REQUIREMENT
Search the entries for the word "IfcOpeningElement". Copy each line in which it is found.

--- --- ---

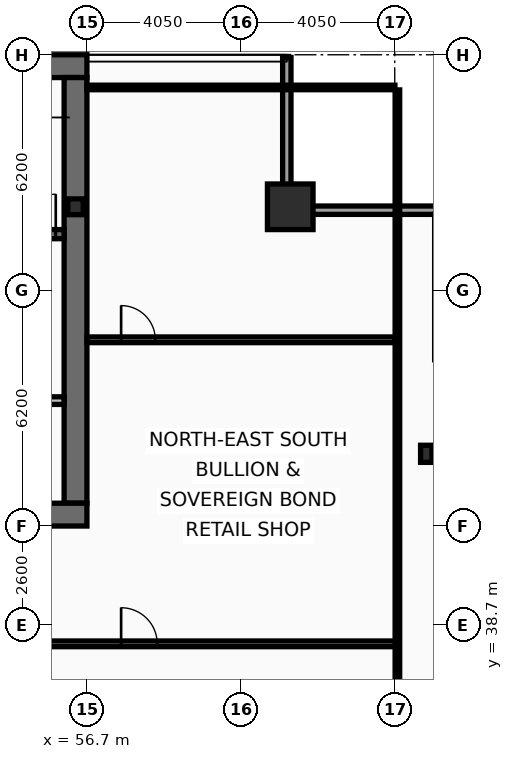
"""IFC4 building model, lengths in metres.
Left out: names, types, materials, properties, quantities, classifications, styles, units other than length and angle.
Written with IfcOpenShell. Run it as: python <this file> out.ifc"""

import sys

from ifc_helpers import new_model, si_unit, direction, frame, frame_2d, origin, origin_2d, place, context, subcontext, project, spatial, rectangle, hollow_rectangle, i_section, extrude, element, fill, save


model = new_model("IFC4")
c1 = context("Model", 3, precision=1e-05, world=origin(), true_north=direction((0.0, 1.0)))
c2 = subcontext(c1, "Body", "Model", "MODEL_VIEW")
j1 = project(units=[si_unit("LENGTHUNIT", "METRE"), si_unit("PLANEANGLEUNIT", "RADIAN")], contexts=[c1])
p1 = place(None, origin())
s1 = spatial("IfcSite", under=j1, at=p1, CompositionType="ELEMENT")
p2 = place(p1, origin())
s2 = spatial("IfcBuilding", under=s1, at=p2, CompositionType="ELEMENT")
p3 = place(p2, frame((0.0, 0.0, 195.8)))
s3 = spatial("IfcBuildingStorey", under=s2, at=p3, CompositionType="ELEMENT", Elevation=195.8)
p4 = place(p3, frame((16.2, 53.4, 0.0), z_axis=(0.0, 0.0, 1.0), x_axis=(1.0, 0.0, 0.0)))
e1 = element("IfcWall", 1, at=p4, inside=s3, PredefinedType="SHEAR", context=c2, shape_type="SweptSolid", body=[
    extrude(rectangle(XDim=40.5, YDim=0.6, at=frame_2d((20.25, 0.0))), origin(), (0.0, 0.0, 1.0), 3.44),
])
p5 = place(p3, frame((56.4, 53.1, 0.0), z_axis=(0.0, 0.0, 1.0), x_axis=(0.0, -1.0, 0.0)))
e2 = element("IfcWall", 2, at=p5, inside=s3, PredefinedType="SHEAR", context=c2, shape_type="SweptSolid", body=[
    extrude(rectangle(XDim=11.2, YDim=0.6, at=frame_2d((5.6, 0.0))), origin(), (0.0, 0.0, 1.0), 3.44),
])
p6 = place(p3, frame((56.7, 41.6, 0.0), z_axis=(0.0, 0.0, 1.0), x_axis=(-1.0, 0.0, 0.0)))
e3 = element("IfcWall", 3, at=p6, inside=s3, PredefinedType="SHEAR", context=c2, shape_type="SweptSolid", body=[
    extrude(rectangle(XDim=2.45, YDim=0.6, at=frame_2d((1.225, 0.0))), origin(), (0.0, 0.0, 1.0), 3.44),
])
p7 = place(p3, frame((48.63, 48.98, 0.0), z_axis=(0.0, 0.0, 1.0), x_axis=(1.0, 0.0, 0.0)))
e4 = element("IfcWall", 4, at=p7, inside=s3, PredefinedType="SHEAR", context=c2, shape_type="SweptSolid", body=[
    extrude(rectangle(XDim=7.47, YDim=0.24, at=frame_2d((3.735, 0.0))), origin(), (0.0, 0.0, 1.0), 3.44),
])
p8 = place(p7, frame((6.2, 0.0, 0.0)))
e5 = element("IfcOpeningElement", 5, at=p8, cuts=e4, PredefinedType="OPENING", context=c2, shape_type="SweptSolid", body=[
    extrude(rectangle(XDim=1.05, YDim=2.15, at=frame_2d((0.525, 1.075))), frame((0.0, 0.13, 0.0), z_axis=(0.0, -1.0, 0.0), x_axis=(1.0, 0.0, 0.0)), (0.0, 0.0, 1.0), 0.26),
])
p9 = place(p3, frame((62.05, 49.7, 0.0), z_axis=(0.0, 0.0, 1.0), x_axis=(1.0, 0.0, 0.0)))
e6 = element("IfcColumn", 6, at=p9, inside=s3, PredefinedType="COLUMN", context=c2, shape_type="SweptSolid", body=[
    extrude(hollow_rectangle(XDim=1.2, YDim=1.2, WallThickness=0.06, at=origin_2d()), origin(), (0.0, 0.0, 1.0), 3.6),
])
p10 = place(p3, frame((65.63, 43.2, 0.0), z_axis=(0.0, 0.0, 1.0), x_axis=(1.0, 0.0, 0.0)))
e7 = element("IfcColumn", 7, at=p10, inside=s3, PredefinedType="COLUMN", context=c2, shape_type="SweptSolid", body=[
    extrude(i_section(OverallWidth=0.3, OverallDepth=0.45, WebThickness=0.014, FlangeThickness=0.026, at=origin_2d()), origin(), (0.0, 0.0, 1.0), 3.6),
])
p11 = place(p3, frame((56.4, 49.7, 0.0), z_axis=(0.0, 0.0, 1.0), x_axis=(1.0, 0.0, 0.0)))
e8 = element("IfcColumn", 8, at=p11, inside=s3, PredefinedType="COLUMN", context=c2, shape_type="SweptSolid", body=[
    extrude(i_section(OverallWidth=0.406, OverallDepth=0.416, WebThickness=0.03, FlangeThickness=0.048, at=origin_2d()), origin(), (0.0, 0.0, 1.0), 3.6),
])
p12 = place(p3, frame((61.96, 53.63, 0.0), z_axis=(0.0, 0.0, 1.0), x_axis=(0.0, -1.0, 0.0)))
e9 = element("IfcWall", 9, at=p12, inside=s3, PredefinedType="SOLIDWALL", context=c2, shape_type="SweptSolid", body=[
    extrude(rectangle(XDim=3.91, YDim=0.22, at=frame_2d((1.955, 0.0))), origin(), (0.0, 0.0, 1.0), 2.83),
])
p13 = place(p3, frame((61.85, 49.61, 0.0), z_axis=(0.0, 0.0, 1.0), x_axis=(1.0, 0.0, 0.0)))
e10 = element("IfcWall", 10, at=p13, inside=s3, PredefinedType="SOLIDWALL", context=c2, shape_type="SweptSolid", body=[
    extrude(rectangle(XDim=4.22, YDim=0.22, at=frame_2d((2.11, 0.0))), origin(), (0.0, 0.0, 1.0), 2.83),
])
p14 = place(p3, frame((51.9, 44.6, 0.0), z_axis=(0.0, 0.0, 1.0), x_axis=(1.0, 0.0, 0.0)))
e11 = element("IfcWall", 11, at=p14, inside=s3, PredefinedType="PARTITIONING", context=c2, shape_type="SweptSolid", body=[
    extrude(rectangle(XDim=4.2, YDim=0.2, at=frame_2d((2.1, 0.0))), origin(), (0.0, 0.0, 1.0), 3.44),
])
p15 = place(p14, frame((1.15, 0.0, 0.0)))
e12 = element("IfcOpeningElement", 12, at=p15, cuts=e11, PredefinedType="OPENING", context=c2, shape_type="SweptSolid", body=[
    extrude(rectangle(XDim=1.05, YDim=2.15, at=frame_2d((0.525, 1.075))), frame((0.0, 0.11, 0.0), z_axis=(0.0, -1.0, 0.0), x_axis=(1.0, 0.0, 0.0)), (0.0, 0.0, 1.0), 0.22),
])
p16 = place(p3, frame((54.35, 38.2, 0.0), z_axis=(0.0, 0.0, 1.0), x_axis=(1.0, 0.0, 0.0)))
e13 = element("IfcWall", 13, at=p16, inside=s3, PredefinedType="PARTITIONING", context=c2, shape_type="SweptSolid", body=[
    extrude(rectangle(XDim=10.52, YDim=0.15, at=frame_2d((5.26, 0.0))), origin(), (0.0, 0.0, 1.0), 2.73),
])
p17 = place(p16, frame((3.25, 0.0, 0.0)))
e14 = element("IfcOpeningElement", 14, at=p17, cuts=e13, PredefinedType="OPENING", context=c2, shape_type="SweptSolid", body=[
    extrude(rectangle(XDim=0.95, YDim=2.05, at=frame_2d((0.475, 1.025))), frame((0.0, 0.085, 0.0), z_axis=(0.0, -1.0, 0.0), x_axis=(1.0, 0.0, 0.0)), (0.0, 0.0, 1.0), 0.17),
])
p18 = place(p3, frame((56.7, 46.2, 0.0), z_axis=(0.0, 0.0, 1.0), x_axis=(1.0, 0.0, 0.0)))
e15 = element("IfcWall", 15, at=p18, inside=s3, PredefinedType="PARTITIONING", context=c2, shape_type="SweptSolid", body=[
    extrude(rectangle(XDim=8.105, YDim=0.15, at=frame_2d((4.052, 0.0))), origin(), (0.0, 0.0, 1.0), 2.83),
])
p19 = place(p18, frame((0.9, 0.0, 0.0)))
e16 = element("IfcOpeningElement", 16, at=p19, cuts=e15, PredefinedType="OPENING", context=c2, shape_type="SweptSolid", body=[
    extrude(rectangle(XDim=0.9, YDim=2.05, at=frame_2d((0.45, 1.025))), frame((0.0, 0.085, 0.0), z_axis=(0.0, -1.0, 0.0), x_axis=(1.0, 0.0, 0.0)), (0.0, 0.0, 1.0), 0.17),
])
p20 = place(p3, frame((64.87, 10.665, 0.0), z_axis=(0.0, 0.0, 1.0), x_axis=(0.0, 1.0, 0.0)))
e17 = element("IfcWall", 17, at=p20, inside=s3, PredefinedType="PARTITIONING", context=c2, shape_type="SweptSolid", body=[
    extrude(rectangle(XDim=42.11, YDim=0.12, at=frame_2d((21.055, 0.0))), origin(), (0.0, 0.0, 1.0), 2.73),
])
p21 = place(p3, frame((56.7, 52.84, 0.0), z_axis=(0.0, 0.0, 1.0), x_axis=(1.0, 0.0, 0.0)))
e18 = element("IfcWall", 18, at=p21, inside=s3, PredefinedType="PARTITIONING", context=c2, shape_type="SweptSolid", body=[
    extrude(rectangle(XDim=8.105, YDim=0.12, at=frame_2d((4.052, 0.0))), origin(), (0.0, 0.0, 1.0), 3.44),
])
p22 = place(p8, origin())
e19 = element("IfcDoor", 19, at=p22, inside=s3, OperationType="SINGLE_SWING_RIGHT", PredefinedType="DOOR", context=c2, shape_type="SweptSolid", body=[
    extrude(rectangle(XDim=1.05, YDim=2.15, at=frame_2d((0.525, 1.075))), frame((0.0, 0.025, 0.0), z_axis=(0.0, -1.0, 0.0), x_axis=(1.0, 0.0, 0.0)), (0.0, 0.0, 1.0), 0.05),
])
fill(e5, e19)
p23 = place(p17, origin())
e20 = element("IfcDoor", 20, at=p23, inside=s3, OperationType="SINGLE_SWING_LEFT", PredefinedType="DOOR", context=c2, shape_type="SweptSolid", body=[
    extrude(rectangle(XDim=0.95, YDim=2.05, at=frame_2d((0.475, 1.025))), frame((0.0, 0.025, 0.0), z_axis=(0.0, -1.0, 0.0), x_axis=(1.0, 0.0, 0.0)), (0.0, 0.0, 1.0), 0.05),
])
fill(e14, e20)
p24 = place(p19, origin())
e21 = element("IfcDoor", 21, at=p24, inside=s3, OperationType="SINGLE_SWING_LEFT", PredefinedType="DOOR", context=c2, shape_type="SweptSolid", body=[
    extrude(rectangle(XDim=0.9, YDim=2.05, at=frame_2d((0.45, 1.025))), frame((0.0, 0.025, 0.0), z_axis=(0.0, -1.0, 0.0), x_axis=(1.0, 0.0, 0.0)), (0.0, 0.0, 1.0), 0.05),
])
fill(e16, e21)
save(model, sys.argv[1])
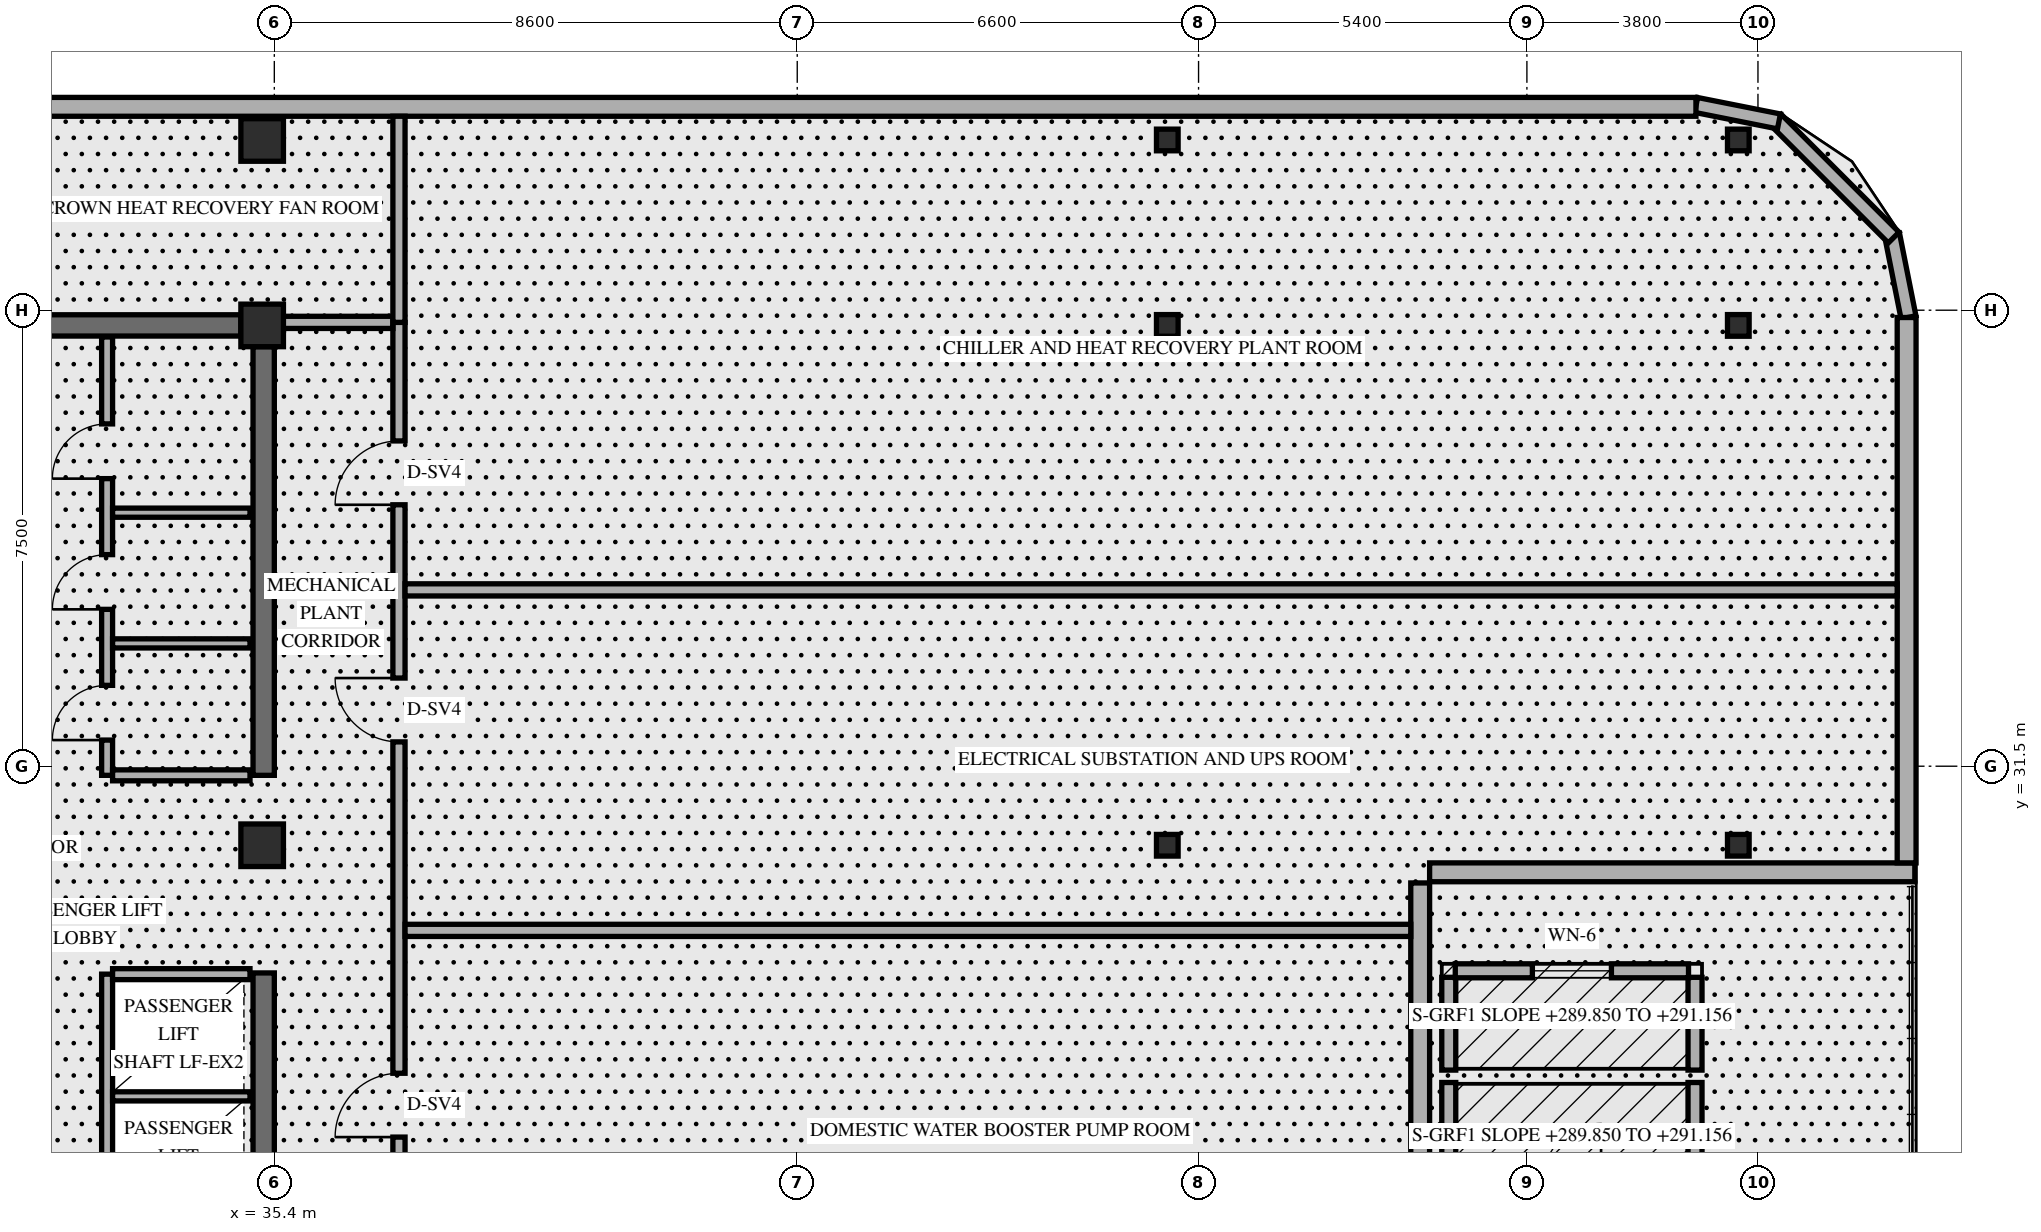
"""IFC4 building model, lengths in metres.
Left out: names, types, materials, properties, quantities, classifications, styles, units other than length and angle.
Written with IfcOpenShell. Run it as: python <this file> out.ifc"""

import sys

from ifc_helpers import new_model, si_unit, direction, frame, frame_2d, origin, origin_2d, place, context, subcontext, project, spatial, rectangle, hollow_rectangle, extrude, element, fill, save


model = new_model("IFC4")
c1 = context("Model", 3, precision=1e-05, world=origin(), true_north=direction((0.0, 1.0)))
c2 = subcontext(c1, "Body", "Model", "MODEL_VIEW")
j1 = project(units=[si_unit("LENGTHUNIT", "METRE"), si_unit("PLANEANGLEUNIT", "RADIAN")], contexts=[c1])
p1 = place(None, origin())
s1 = spatial("IfcSite", under=j1, at=p1, CompositionType="ELEMENT")
p2 = place(p1, origin())
s2 = spatial("IfcBuilding", under=s1, at=p2, CompositionType="ELEMENT")
p3 = place(p2, frame((0.0, 0.0, 287.0)))
s3 = spatial("IfcBuildingStorey", under=s2, at=p3, CompositionType="ELEMENT", Elevation=287.0)
p4 = place(p3, frame((35.225, 17.9, 0.0), z_axis=(0.0, 0.0, 1.0), x_axis=(0.0, 1.0, 0.0)))
e1 = element("IfcWall", 1, at=p4, inside=s3, PredefinedType="SHEAR", context=c2, shape_type="SweptSolid", body=[
    extrude(rectangle(XDim=10.2, YDim=0.35, at=frame_2d((5.1, 0.0))), origin(), (0.0, 0.0, 1.0), 5.161),
])
p5 = place(p3, frame((35.225, 31.35, 0.0), z_axis=(0.0, 0.0, 1.0), x_axis=(0.0, 1.0, 0.0)))
e2 = element("IfcWall", 2, at=p5, inside=s3, PredefinedType="SHEAR", context=c2, shape_type="SweptSolid", body=[
    extrude(rectangle(XDim=7.05, YDim=0.35, at=frame_2d((3.525, 0.0))), origin(), (0.0, 0.0, 1.0), 5.161),
])
p6 = place(p3, frame((24.55, 38.75, 0.0), z_axis=(0.0, 0.0, 1.0), x_axis=(1.0, 0.0, 0.0)))
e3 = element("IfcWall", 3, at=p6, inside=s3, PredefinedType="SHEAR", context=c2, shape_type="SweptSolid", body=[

--- --- ---

ANSWER BOX
e5 = element("IfcOpeningElement", 5, at=p8, cuts=e4, PredefinedType="OPENING", context=c2, shape_type="SweptSolid", body=[
e12 = element("IfcOpeningElement", 12, at=p15, cuts=e11, PredefinedType="OPENING", context=c2, shape_type="SweptSolid", body=[
e14 = element("IfcOpeningElement", 14, at=p17, cuts=e13, PredefinedType="OPENING", context=c2, shape_type="SweptSolid", body=[
e16 = element("IfcOpeningElement", 16, at=p19, cuts=e15, PredefinedType="OPENING", context=c2, shape_type="SweptSolid", body=[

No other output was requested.